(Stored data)
↓
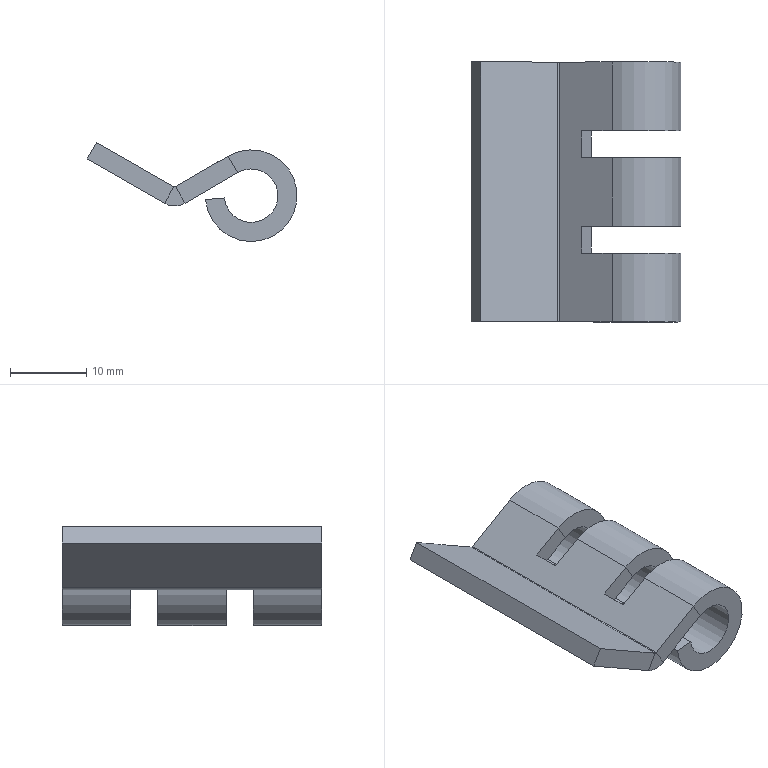Component | SolidWorks | FrontDoorFlangeWelding-2_CL201-1Hinge(ClawTypeAttachment)-1 | 1 solid | 34 faces | box 27.45 x 34 x 12.97 mm | volume 3368 mm3 | plane 26 | cylinder 8 | commonest cylinder face diameters 12 x3 7 x3 5.4 x1 0.4 x1
STEP:
#1=COLOUR_RGB('',0.7922,0.8196,0.9333);
#2=FILL_AREA_STYLE_COLOUR('',#1);
#3=FILL_AREA_STYLE('',(#2));
#4=SURFACE_STYLE_FILL_AREA(#3);
#5=SURFACE_SIDE_STYLE('',(#4));
#6=SURFACE_STYLE_USAGE(.BOTH.,#5);
#7=PRESENTATION_STYLE_ASSIGNMENT((#6));
#8=CARTESIAN_POINT('',(3.428,27.109,53.649));
#9=VERTEX_POINT('',#8);
#10=CARTESIAN_POINT('',(3.311,27.109,53.425));
#11=VERTEX_POINT('',#10);
#12=CARTESIAN_POINT('',(3.547,27.109,53.445));
#13=DIRECTION('',(0.,1.,0.));
#14=DIRECTION('',(-0.8677,0.,0.4971));
#15=AXIS2_PLACEMENT_3D('',#12,#13,#14);
#16=CIRCLE('',#15,0.2362);
#17=EDGE_CURVE('',#9,#11,#16,.T.);
#18=ORIENTED_EDGE('',*,*,#17,.T.);
#19=CARTESIAN_POINT('',(3.311,27.463,53.425));
#20=VERTEX_POINT('',#19);
#21=CARTESIAN_POINT('',(3.311,27.956,53.425));
#22=DIRECTION('',(-0.,-1.,-0.));
#23=VECTOR('',#22,39.37);
#24=LINE('',#21,#23);
#25=EDGE_CURVE('',#20,#11,#24,.T.);
#26=ORIENTED_EDGE('',*,*,#25,.F.);
#27=CARTESIAN_POINT('',(3.428,27.463,53.649));
#28=VERTEX_POINT('',#27);
#29=CARTESIAN_POINT('',(3.547,27.463,53.445));
#30=DIRECTION('',(-0.,-1.,-0.));
#31=DIRECTION('',(-0.8677,0.,0.4971));
#32=AXIS2_PLACEMENT_3D('',#29,#30,#31);
#33=CIRCLE('',#32,0.2362);
#34=EDGE_CURVE('',#20,#28,#33,.T.);
#35=ORIENTED_EDGE('',*,*,#34,.T.);
#36=CARTESIAN_POINT('',(3.428,27.956,53.649));
#37=DIRECTION('',(-0.,-1.,-0.));
#38=VECTOR('',#37,39.37);
#39=LINE('',#36,#38);
#40=EDGE_CURVE('',#28,#9,#39,.T.);
#41=ORIENTED_EDGE('',*,*,#40,.T.);
#42=EDGE_LOOP('',(#18,#26,#35,#41));
#43=FACE_OUTER_BOUND('',#42,.T.);
#44=CARTESIAN_POINT('',(3.547,27.956,53.445));
#45=DIRECTION('',(-0.,-1.,-0.));
#46=DIRECTION('',(-0.8677,0.,0.4971));
#47=AXIS2_PLACEMENT_3D('',#44,#45,#46);
#48=CYLINDRICAL_SURFACE('',#47,0.2362);
#49=ADVANCED_FACE('',(#43),#48,.T.);
#50=CARTESIAN_POINT('',(3.311,26.971,53.425));
#51=VERTEX_POINT('',#50);
#52=CARTESIAN_POINT('',(3.428,26.971,53.649));
#53=VERTEX_POINT('',#52);
#54=CARTESIAN_POINT('',(3.547,26.971,53.445));
#55=DIRECTION('',(-0.,-1.,-0.));
#56=DIRECTION('',(-0.8677,0.,0.4971));
#57=AXIS2_PLACEMENT_3D('',#54,#55,#56);
#58=CIRCLE('',#57,0.2362);
#59=EDGE_CURVE('',#51,#53,#58,.T.);
#60=ORIENTED_EDGE('',*,*,#59,.T.);
#61=CARTESIAN_POINT('',(3.428,26.617,53.649));
#62=VERTEX_POINT('',#61);
#63=CARTESIAN_POINT('',(3.428,27.956,53.649));
#64=DIRECTION('',(-0.,-1.,-0.));
#65=VECTOR('',#64,39.37);
#66=LINE('',#63,#65);
#67=EDGE_CURVE('',#53,#62,#66,.T.);
#68=ORIENTED_EDGE('',*,*,#67,.T.);
#69=CARTESIAN_POINT('',(3.311,26.617,53.425));
#70=VERTEX_POINT('',#69);
#71=CARTESIAN_POINT('',(3.547,26.617,53.445));
#72=DIRECTION('',(0.,1.,0.));
#73=DIRECTION('',(0.8677,0.,-0.4971));
#74=AXIS2_PLACEMENT_3D('',#71,#72,#73);
#75=CIRCLE('',#74,0.2362);
#76=EDGE_CURVE('',#62,#70,#75,.T.);
#77=ORIENTED_EDGE('',*,*,#76,.T.);
#78=CARTESIAN_POINT('',(3.311,27.956,53.425));
#79=DIRECTION('',(-0.,-1.,-0.));
#80=VECTOR('',#79,39.37);
#81=LINE('',#78,#80);
#82=EDGE_CURVE('',#51,#70,#81,.T.);
#83=ORIENTED_EDGE('',*,*,#82,.F.);
#84=EDGE_LOOP('',(#60,#68,#77,#83));
#85=FACE_OUTER_BOUND('',#84,.T.);
#86=CARTESIAN_POINT('',(3.547,27.956,53.445));
#87=DIRECTION('',(-0.,-1.,-0.));
#88=DIRECTION('',(-0.8677,0.,0.4971));
#89=AXIS2_PLACEMENT_3D('',#86,#87,#88);
#90=CYLINDRICAL_SURFACE('',#89,0.2362);
#91=ADVANCED_FACE('',(#85),#90,.T.);
#92=ORIENTED_EDGE('',*,*,#25,.T.);
#93=CARTESIAN_POINT('',(3.409,27.109,53.434));
#94=VERTEX_POINT('',#93);
#95=CARTESIAN_POINT('',(3.409,27.109,53.434));
#96=DIRECTION('',(-0.9965,0.,-0.08389));
#97=VECTOR('',#96,39.37);
#98=LINE('',#95,#97);
#99=EDGE_CURVE('',#94,#11,#98,.T.);
#100=ORIENTED_EDGE('',*,*,#99,.F.);
#101=CARTESIAN_POINT('',(3.409,27.463,53.434));
#102=VERTEX_POINT('',#101);
#103=CARTESIAN_POINT('',(3.409,27.956,53.434));
#104=DIRECTION('',(-0.,-1.,-0.));
#105=VECTOR('',#104,39.37);
#106=LINE('',#103,#105);
#107=EDGE_CURVE('',#102,#94,#106,.T.);
#108=ORIENTED_EDGE('',*,*,#107,.F.);
#109=CARTESIAN_POINT('',(3.409,27.463,53.434));
#110=DIRECTION('',(-0.9965,0.,-0.08389));
#111=VECTOR('',#110,39.37);
#112=LINE('',#109,#111);
#113=EDGE_CURVE('',#102,#20,#112,.T.);
#114=ORIENTED_EDGE('',*,*,#113,.T.);
#115=EDGE_LOOP('',(#92,#100,#108,#114));
#116=FACE_OUTER_BOUND('',#115,.T.);
#117=CARTESIAN_POINT('',(3.409,27.956,53.434));
#118=DIRECTION('',(-0.08389,-0.,0.9965));
#119=DIRECTION('',(0.9965,-0.,0.08389));
#120=AXIS2_PLACEMENT_3D('',#117,#118,#119);
#121=PLANE('',#120);
#122=ADVANCED_FACE('',(#116),#121,.T.);
#123=CARTESIAN_POINT('',(3.409,26.971,53.434));
#124=VERTEX_POINT('',#123);
#125=CARTESIAN_POINT('',(3.409,26.617,53.434));
#126=VERTEX_POINT('',#125);
#127=CARTESIAN_POINT('',(3.409,27.956,53.434));
#128=DIRECTION('',(-0.,-1.,-0.));
#129=VECTOR('',#128,39.37);
#130=LINE('',#127,#129);
#131=EDGE_CURVE('',#124,#126,#130,.T.);
#132=ORIENTED_EDGE('',*,*,#131,.F.);
#133=CARTESIAN_POINT('',(3.409,26.971,53.434));
#134=DIRECTION('',(-0.9965,0.,-0.08389));
#135=VECTOR('',#134,39.37);
#136=LINE('',#133,#135);
#137=EDGE_CURVE('',#124,#51,#136,.T.);
#138=ORIENTED_EDGE('',*,*,#137,.T.);
#139=ORIENTED_EDGE('',*,*,#82,.T.);
#140=CARTESIAN_POINT('',(3.409,26.617,53.434));
#141=DIRECTION('',(-0.9965,0.,-0.08389));
#142=VECTOR('',#141,39.37);
#143=LINE('',#140,#142);
#144=EDGE_CURVE('',#126,#70,#143,.T.);
#145=ORIENTED_EDGE('',*,*,#144,.F.);
#146=EDGE_LOOP('',(#132,#138,#139,#145));
#147=FACE_OUTER_BOUND('',#146,.T.);
#148=CARTESIAN_POINT('',(3.409,27.956,53.434));
#149=DIRECTION('',(-0.08389,-0.,0.9965));
#150=DIRECTION('',(0.9965,-0.,0.08389));
#151=AXIS2_PLACEMENT_3D('',#148,#149,#150);
#152=PLANE('',#151);
#153=ADVANCED_FACE('',(#147),#152,.T.);
#154=ORIENTED_EDGE('',*,*,#107,.T.);
#155=CARTESIAN_POINT('',(3.477,27.109,53.564));
#156=VERTEX_POINT('',#155);
#157=CARTESIAN_POINT('',(3.547,27.109,53.445));
#158=DIRECTION('',(0.,1.,0.));
#159=DIRECTION('',(0.8677,0.,-0.4971));
#160=AXIS2_PLACEMENT_3D('',#157,#158,#159);
#161=CIRCLE('',#160,0.1378);
#162=EDGE_CURVE('',#156,#94,#161,.T.);
#163=ORIENTED_EDGE('',*,*,#162,.F.);
#164=CARTESIAN_POINT('',(3.477,27.463,53.564));
#165=VERTEX_POINT('',#164);
#166=CARTESIAN_POINT('',(3.477,27.956,53.564));
#167=DIRECTION('',(-0.,-1.,-0.));
#168=VECTOR('',#167,39.37);
#169=LINE('',#166,#168);
#170=EDGE_CURVE('',#165,#156,#169,.T.);
#171=ORIENTED_EDGE('',*,*,#170,.F.);
#172=CARTESIAN_POINT('',(3.547,27.463,53.445));
#173=DIRECTION('',(-0.,-1.,-0.));
#174=DIRECTION('',(-0.8677,0.,0.4971));
#175=AXIS2_PLACEMENT_3D('',#172,#173,#174);
#176=CIRCLE('',#175,0.1378);
#177=EDGE_CURVE('',#102,#165,#176,.T.);
#178=ORIENTED_EDGE('',*,*,#177,.F.);
#179=EDGE_LOOP('',(#154,#163,#171,#178));
#180=FACE_OUTER_BOUND('',#179,.T.);
#181=CARTESIAN_POINT('',(3.547,27.956,53.445));
#182=DIRECTION('',(-0.,-1.,-0.));
#183=DIRECTION('',(-0.8677,0.,0.4971));
#184=AXIS2_PLACEMENT_3D('',#181,#182,#183);
#185=CYLINDRICAL_SURFACE('',#184,0.1378);
#186=ADVANCED_FACE('',(#180),#185,.F.);
#187=CARTESIAN_POINT('',(3.477,26.971,53.564));
#188=VERTEX_POINT('',#187);
#189=CARTESIAN_POINT('',(3.477,26.617,53.564));
#190=VERTEX_POINT('',#189);
#191=CARTESIAN_POINT('',(3.477,27.956,53.564));
#192=DIRECTION('',(-0.,-1.,-0.));
#193=VECTOR('',#192,39.37);
#194=LINE('',#191,#193);
#195=EDGE_CURVE('',#188,#190,#194,.T.);
#196=ORIENTED_EDGE('',*,*,#195,.F.);
#197=CARTESIAN_POINT('',(3.547,26.971,53.445));
#198=DIRECTION('',(0.,-1.,-0.));
#199=DIRECTION('',(-0.8677,0.,0.4971));
#200=AXIS2_PLACEMENT_3D('',#197,#198,#199);
#201=CIRCLE('',#200,0.1378);
#202=EDGE_CURVE('',#124,#188,#201,.T.);
#203=ORIENTED_EDGE('',*,*,#202,.F.);
#204=ORIENTED_EDGE('',*,*,#131,.T.);
#205=CARTESIAN_POINT('',(3.547,26.617,53.445));
#206=DIRECTION('',(0.,1.,0.));
#207=DIRECTION('',(0.8677,0.,-0.4971));
#208=AXIS2_PLACEMENT_3D('',#205,#206,#207);
#209=CIRCLE('',#208,0.1378);
#210=EDGE_CURVE('',#190,#126,#209,.T.);
#211=ORIENTED_EDGE('',*,*,#210,.F.);
#212=EDGE_LOOP('',(#196,#203,#204,#211));
#213=FACE_OUTER_BOUND('',#212,.T.);
#214=CARTESIAN_POINT('',(3.547,27.956,53.445));
#215=DIRECTION('',(-0.,-1.,-0.));
#216=DIRECTION('',(-0.8677,0.,0.4971));
#217=AXIS2_PLACEMENT_3D('',#214,#215,#216);
#218=CYLINDRICAL_SURFACE('',#217,0.1378);
#219=ADVANCED_FACE('',(#213),#218,.F.);
#220=ORIENTED_EDGE('',*,*,#170,.T.);
#221=CARTESIAN_POINT('',(3.32,27.109,53.473));
#222=VERTEX_POINT('',#221);
#223=CARTESIAN_POINT('',(3.153,27.109,53.376));
#224=DIRECTION('',(0.8644,-0.,0.5029));
#225=VECTOR('',#224,39.37);
#226=LINE('',#223,#225);
#227=EDGE_CURVE('',#222,#156,#226,.T.);
#228=ORIENTED_EDGE('',*,*,#227,.F.);
#229=CARTESIAN_POINT('',(3.32,26.971,53.473));
#230=VERTEX_POINT('',#229);
#231=CARTESIAN_POINT('',(3.32,27.956,53.473));
#232=DIRECTION('',(0.,1.,0.));
#233=VECTOR('',#232,39.37);
#234=LINE('',#231,#233);
#235=EDGE_CURVE('',#230,#222,#234,.T.);
#236=ORIENTED_EDGE('',*,*,#235,.F.);
#237=CARTESIAN_POINT('',(3.153,26.971,53.376));
#238=DIRECTION('',(-0.8644,0.,-0.5029));
#239=VECTOR('',#238,39.37);
#240=LINE('',#237,#239);
#241=EDGE_CURVE('',#188,#230,#240,.T.);
#242=ORIENTED_EDGE('',*,*,#241,.F.);
#243=ORIENTED_EDGE('',*,*,#195,.T.);
#244=CARTESIAN_POINT('',(3.206,26.617,53.406));
#245=VERTEX_POINT('',#244);
#246=CARTESIAN_POINT('',(3.153,26.617,53.376));
#247=DIRECTION('',(0.8644,-0.,0.5029));
#248=VECTOR('',#247,39.37);
#249=LINE('',#246,#248);
#250=EDGE_CURVE('',#245,#190,#249,.T.);
#251=ORIENTED_EDGE('',*,*,#250,.F.);
#252=CARTESIAN_POINT('',(3.206,27.956,53.406));
#253=VERTEX_POINT('',#252);
#254=CARTESIAN_POINT('',(3.206,27.956,53.406));
#255=DIRECTION('',(-0.,-1.,-0.));
#256=VECTOR('',#255,39.37);
#257=LINE('',#254,#256);
#258=EDGE_CURVE('',#253,#245,#257,.T.);
#259=ORIENTED_EDGE('',*,*,#258,.F.);
#260=CARTESIAN_POINT('',(3.477,27.956,53.564));
#261=VERTEX_POINT('',#260);
#262=CARTESIAN_POINT('',(3.153,27.956,53.376));
#263=DIRECTION('',(0.8644,-0.,0.5029));
#264=VECTOR('',#263,39.37);
#265=LINE('',#262,#264);
#266=EDGE_CURVE('',#253,#261,#265,.T.);
#267=ORIENTED_EDGE('',*,*,#266,.T.);
#268=CARTESIAN_POINT('',(3.477,27.601,53.564));
#269=VERTEX_POINT('',#268);
#270=CARTESIAN_POINT('',(3.477,27.956,53.564));
#271=DIRECTION('',(-0.,-1.,-0.));
#272=VECTOR('',#271,39.37);
#273=LINE('',#270,#272);
#274=EDGE_CURVE('',#261,#269,#273,.T.);
#275=ORIENTED_EDGE('',*,*,#274,.T.);
#276=CARTESIAN_POINT('',(3.32,27.601,53.473));
#277=VERTEX_POINT('',#276);
#278=CARTESIAN_POINT('',(3.153,27.601,53.376));
#279=DIRECTION('',(0.8644,-0.,0.5029));
#280=VECTOR('',#279,39.37);
#281=LINE('',#278,#280);
#282=EDGE_CURVE('',#277,#269,#281,.T.);
#283=ORIENTED_EDGE('',*,*,#282,.F.);
#284=CARTESIAN_POINT('',(3.32,27.463,53.473));
#285=VERTEX_POINT('',#284);
#286=CARTESIAN_POINT('',(3.32,27.956,53.473));
#287=DIRECTION('',(-0.,1.,0.));
#288=VECTOR('',#287,39.37);
#289=LINE('',#286,#288);
#290=EDGE_CURVE('',#285,#277,#289,.T.);
#291=ORIENTED_EDGE('',*,*,#290,.F.);
#292=CARTESIAN_POINT('',(3.153,27.463,53.376));
#293=DIRECTION('',(-0.8644,0.,-0.5029));
#294=VECTOR('',#293,39.37);
#295=LINE('',#292,#294);
#296=EDGE_CURVE('',#165,#285,#295,.T.);
#297=ORIENTED_EDGE('',*,*,#296,.F.);
#298=EDGE_LOOP('',(#220,#228,#236,#242,#243,#251,#259,#267,#275,#283,#291,#297));
#299=FACE_OUTER_BOUND('',#298,.T.);
#300=CARTESIAN_POINT('',(3.153,27.956,53.376));
#301=DIRECTION('',(0.5029,0.,-0.8644));
#302=DIRECTION('',(-0.8644,0.,-0.5029));
#303=AXIS2_PLACEMENT_3D('',#300,#301,#302);
#304=PLANE('',#303);
#305=ADVANCED_FACE('',(#299),#304,.T.);
#306=CARTESIAN_POINT('',(3.271,27.109,53.558));
#307=VERTEX_POINT('',#306);
#308=CARTESIAN_POINT('',(3.104,27.109,53.461));
#309=DIRECTION('',(0.8644,-0.,0.5029));
#310=VECTOR('',#309,39.37);
#311=LINE('',#308,#310);
#312=EDGE_CURVE('',#307,#9,#311,.T.);
#313=ORIENTED_EDGE('',*,*,#312,.T.);
#314=ORIENTED_EDGE('',*,*,#40,.F.);
#315=CARTESIAN_POINT('',(3.271,27.463,53.558));
#316=VERTEX_POINT('',#315);
#317=CARTESIAN_POINT('',(3.104,27.463,53.461));
#318=DIRECTION('',(-0.8644,0.,-0.5029));
#319=VECTOR('',#318,39.37);
#320=LINE('',#317,#319);
#321=EDGE_CURVE('',#28,#316,#320,.T.);
#322=ORIENTED_EDGE('',*,*,#321,.T.);
#323=CARTESIAN_POINT('',(3.271,27.601,53.558));
#324=VERTEX_POINT('',#323);
#325=CARTESIAN_POINT('',(3.271,27.956,53.558));
#326=DIRECTION('',(0.,1.,0.));
#327=VECTOR('',#326,39.37);
#328=LINE('',#325,#327);
#329=EDGE_CURVE('',#316,#324,#328,.T.);
#330=ORIENTED_EDGE('',*,*,#329,.T.);
#331=CARTESIAN_POINT('',(3.428,27.601,53.649));
#332=VERTEX_POINT('',#331);
#333=CARTESIAN_POINT('',(3.104,27.601,53.461));
#334=DIRECTION('',(0.8644,-0.,0.5029));
#335=VECTOR('',#334,39.37);
#336=LINE('',#333,#335);
#337=EDGE_CURVE('',#324,#332,#336,.T.);
#338=ORIENTED_EDGE('',*,*,#337,.T.);
#339=CARTESIAN_POINT('',(3.428,27.956,53.649));
#340=VERTEX_POINT('',#339);
#341=CARTESIAN_POINT('',(3.428,27.956,53.649));
#342=DIRECTION('',(-0.,-1.,-0.));
#343=VECTOR('',#342,39.37);
#344=LINE('',#341,#343);
#345=EDGE_CURVE('',#340,#332,#344,.T.);
#346=ORIENTED_EDGE('',*,*,#345,.F.);
#347=CARTESIAN_POINT('',(3.157,27.956,53.492));
#348=VERTEX_POINT('',#347);
#349=CARTESIAN_POINT('',(3.104,27.956,53.461));
#350=DIRECTION('',(0.8644,-0.,0.5029));
#351=VECTOR('',#350,39.37);
#352=LINE('',#349,#351);
#353=EDGE_CURVE('',#348,#340,#352,.T.);
#354=ORIENTED_EDGE('',*,*,#353,.F.);
#355=CARTESIAN_POINT('',(3.157,26.617,53.492));
#356=VERTEX_POINT('',#355);
#357=CARTESIAN_POINT('',(3.157,27.956,53.492));
#358=DIRECTION('',(-0.,-1.,-0.));
#359=VECTOR('',#358,39.37);
#360=LINE('',#357,#359);
#361=EDGE_CURVE('',#348,#356,#360,.T.);
#362=ORIENTED_EDGE('',*,*,#361,.T.);
#363=CARTESIAN_POINT('',(3.104,26.617,53.461));
#364=DIRECTION('',(0.8644,-0.,0.5029));
#365=VECTOR('',#364,39.37);
#366=LINE('',#363,#365);
#367=EDGE_CURVE('',#356,#62,#366,.T.);
#368=ORIENTED_EDGE('',*,*,#367,.T.);
#369=ORIENTED_EDGE('',*,*,#67,.F.);
#370=CARTESIAN_POINT('',(3.271,26.971,53.558));
#371=VERTEX_POINT('',#370);
#372=CARTESIAN_POINT('',(3.104,26.971,53.461));
#373=DIRECTION('',(-0.8644,0.,-0.5029));
#374=VECTOR('',#373,39.37);
#375=LINE('',#372,#374);
#376=EDGE_CURVE('',#53,#371,#375,.T.);
#377=ORIENTED_EDGE('',*,*,#376,.T.);
#378=CARTESIAN_POINT('',(3.271,27.956,53.558));
#379=DIRECTION('',(0.,1.,0.));
#380=VECTOR('',#379,39.37);
#381=LINE('',#378,#380);
#382=EDGE_CURVE('',#371,#307,#381,.T.);
#383=ORIENTED_EDGE('',*,*,#382,.T.);
#384=EDGE_LOOP('',(#313,#314,#322,#330,#338,#346,#354,#362,#368,#369,#377,#383));
#385=FACE_OUTER_BOUND('',#384,.T.);
#386=CARTESIAN_POINT('',(3.104,27.956,53.461));
#387=DIRECTION('',(0.5029,0.,-0.8644));
#388=DIRECTION('',(-0.8644,0.,-0.5029));
#389=AXIS2_PLACEMENT_3D('',#386,#387,#388);
#390=PLANE('',#389);
#391=ADVANCED_FACE('',(#385),#390,.F.);
#392=CARTESIAN_POINT('',(3.311,27.601,53.425));
#393=VERTEX_POINT('',#392);
#394=CARTESIAN_POINT('',(3.547,27.601,53.445));
#395=DIRECTION('',(0.,1.,0.));
#396=DIRECTION('',(-0.8677,0.,0.4971));
#397=AXIS2_PLACEMENT_3D('',#394,#395,#396);
#398=CIRCLE('',#397,0.2362);
#399=EDGE_CURVE('',#332,#393,#398,.T.);
#400=ORIENTED_EDGE('',*,*,#399,.T.);
#401=CARTESIAN_POINT('',(3.311,27.956,53.425));
#402=VERTEX_POINT('',#401);
#403=CARTESIAN_POINT('',(3.311,27.956,53.425));
#404=DIRECTION('',(-0.,-1.,-0.));
#405=VECTOR('',#404,39.37);
#406=LINE('',#403,#405);
#407=EDGE_CURVE('',#402,#393,#406,.T.);
#408=ORIENTED_EDGE('',*,*,#407,.F.);
#409=CARTESIAN_POINT('',(3.547,27.956,53.445));
#410=DIRECTION('',(0.,1.,0.));
#411=DIRECTION('',(0.8677,0.,-0.4971));
#412=AXIS2_PLACEMENT_3D('',#409,#410,#411);
#413=CIRCLE('',#412,0.2362);
#414=EDGE_CURVE('',#340,#402,#413,.T.);
#415=ORIENTED_EDGE('',*,*,#414,.F.);
#416=ORIENTED_EDGE('',*,*,#345,.T.);
#417=EDGE_LOOP('',(#400,#408,#415,#416));
#418=FACE_OUTER_BOUND('',#417,.T.);
#419=CARTESIAN_POINT('',(3.547,27.956,53.445));
#420=DIRECTION('',(-0.,-1.,-0.));
#421=DIRECTION('',(-0.8677,0.,0.4971));
#422=AXIS2_PLACEMENT_3D('',#419,#420,#421);
#423=CYLINDRICAL_SURFACE('',#422,0.2362);
#424=ADVANCED_FACE('',(#418),#423,.T.);
#425=ORIENTED_EDGE('',*,*,#407,.T.);
#426=CARTESIAN_POINT('',(3.409,27.601,53.434));
#427=VERTEX_POINT('',#426);
#428=CARTESIAN_POINT('',(3.409,27.601,53.434));
#429=DIRECTION('',(-0.9965,0.,-0.08389));
#430=VECTOR('',#429,39.37);
#431=LINE('',#428,#430);
#432=EDGE_CURVE('',#427,#393,#431,.T.);
#433=ORIENTED_EDGE('',*,*,#432,.F.);
#434=CARTESIAN_POINT('',(3.409,27.956,53.434));
#435=VERTEX_POINT('',#434);
#436=CARTESIAN_POINT('',(3.409,27.956,53.434));
#437=DIRECTION('',(-0.,-1.,-0.));
#438=VECTOR('',#437,39.37);
#439=LINE('',#436,#438);
#440=EDGE_CURVE('',#435,#427,#439,.T.);
#441=ORIENTED_EDGE('',*,*,#440,.F.);
#442=CARTESIAN_POINT('',(3.409,27.956,53.434));
#443=DIRECTION('',(-0.9965,0.,-0.08389));
#444=VECTOR('',#443,39.37);
#445=LINE('',#442,#444);
#446=EDGE_CURVE('',#435,#402,#445,.T.);
#447=ORIENTED_EDGE('',*,*,#446,.T.);
#448=EDGE_LOOP('',(#425,#433,#441,#447));
#449=FACE_OUTER_BOUND('',#448,.T.);
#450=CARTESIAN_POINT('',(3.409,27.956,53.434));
↑
* _What to produce_
Repeat exactly the lines from the start of the entries down to the line with "#21=CARTESIAN_POINT('',(3.311,27.956,53.425));", keeping both ends but none of the pictures.

* _Expected answer_
Component | SolidWorks | FrontDoorFlangeWelding-2_CL201-1Hinge(ClawTypeAttachment)-1 | 1 solid | 34 faces | box 27.45 x 34 x 12.97 mm | volume 3368 mm3 | plane 26 | cylinder 8 | commonest cylinder face diameters 12 x3 7 x3 5.4 x1 0.4 x1
STEP:
#1=COLOUR_RGB('',0.7922,0.8196,0.9333);
#2=FILL_AREA_STYLE_COLOUR('',#1);
#3=FILL_AREA_STYLE('',(#2));
#4=SURFACE_STYLE_FILL_AREA(#3);
#5=SURFACE_SIDE_STYLE('',(#4));
#6=SURFACE_STYLE_USAGE(.BOTH.,#5);
#7=PRESENTATION_STYLE_ASSIGNMENT((#6));
#8=CARTESIAN_POINT('',(3.428,27.109,53.649));
#9=VERTEX_POINT('',#8);
#10=CARTESIAN_POINT('',(3.311,27.109,53.425));
#11=VERTEX_POINT('',#10);
#12=CARTESIAN_POINT('',(3.547,27.109,53.445));
#13=DIRECTION('',(0.,1.,0.));
#14=DIRECTION('',(-0.8677,0.,0.4971));
#15=AXIS2_PLACEMENT_3D('',#12,#13,#14);
#16=CIRCLE('',#15,0.2362);
#17=EDGE_CURVE('',#9,#11,#16,.T.);
#18=ORIENTED_EDGE('',*,*,#17,.T.);
#19=CARTESIAN_POINT('',(3.311,27.463,53.425));
#20=VERTEX_POINT('',#19);
#21=CARTESIAN_POINT('',(3.311,27.956,53.425));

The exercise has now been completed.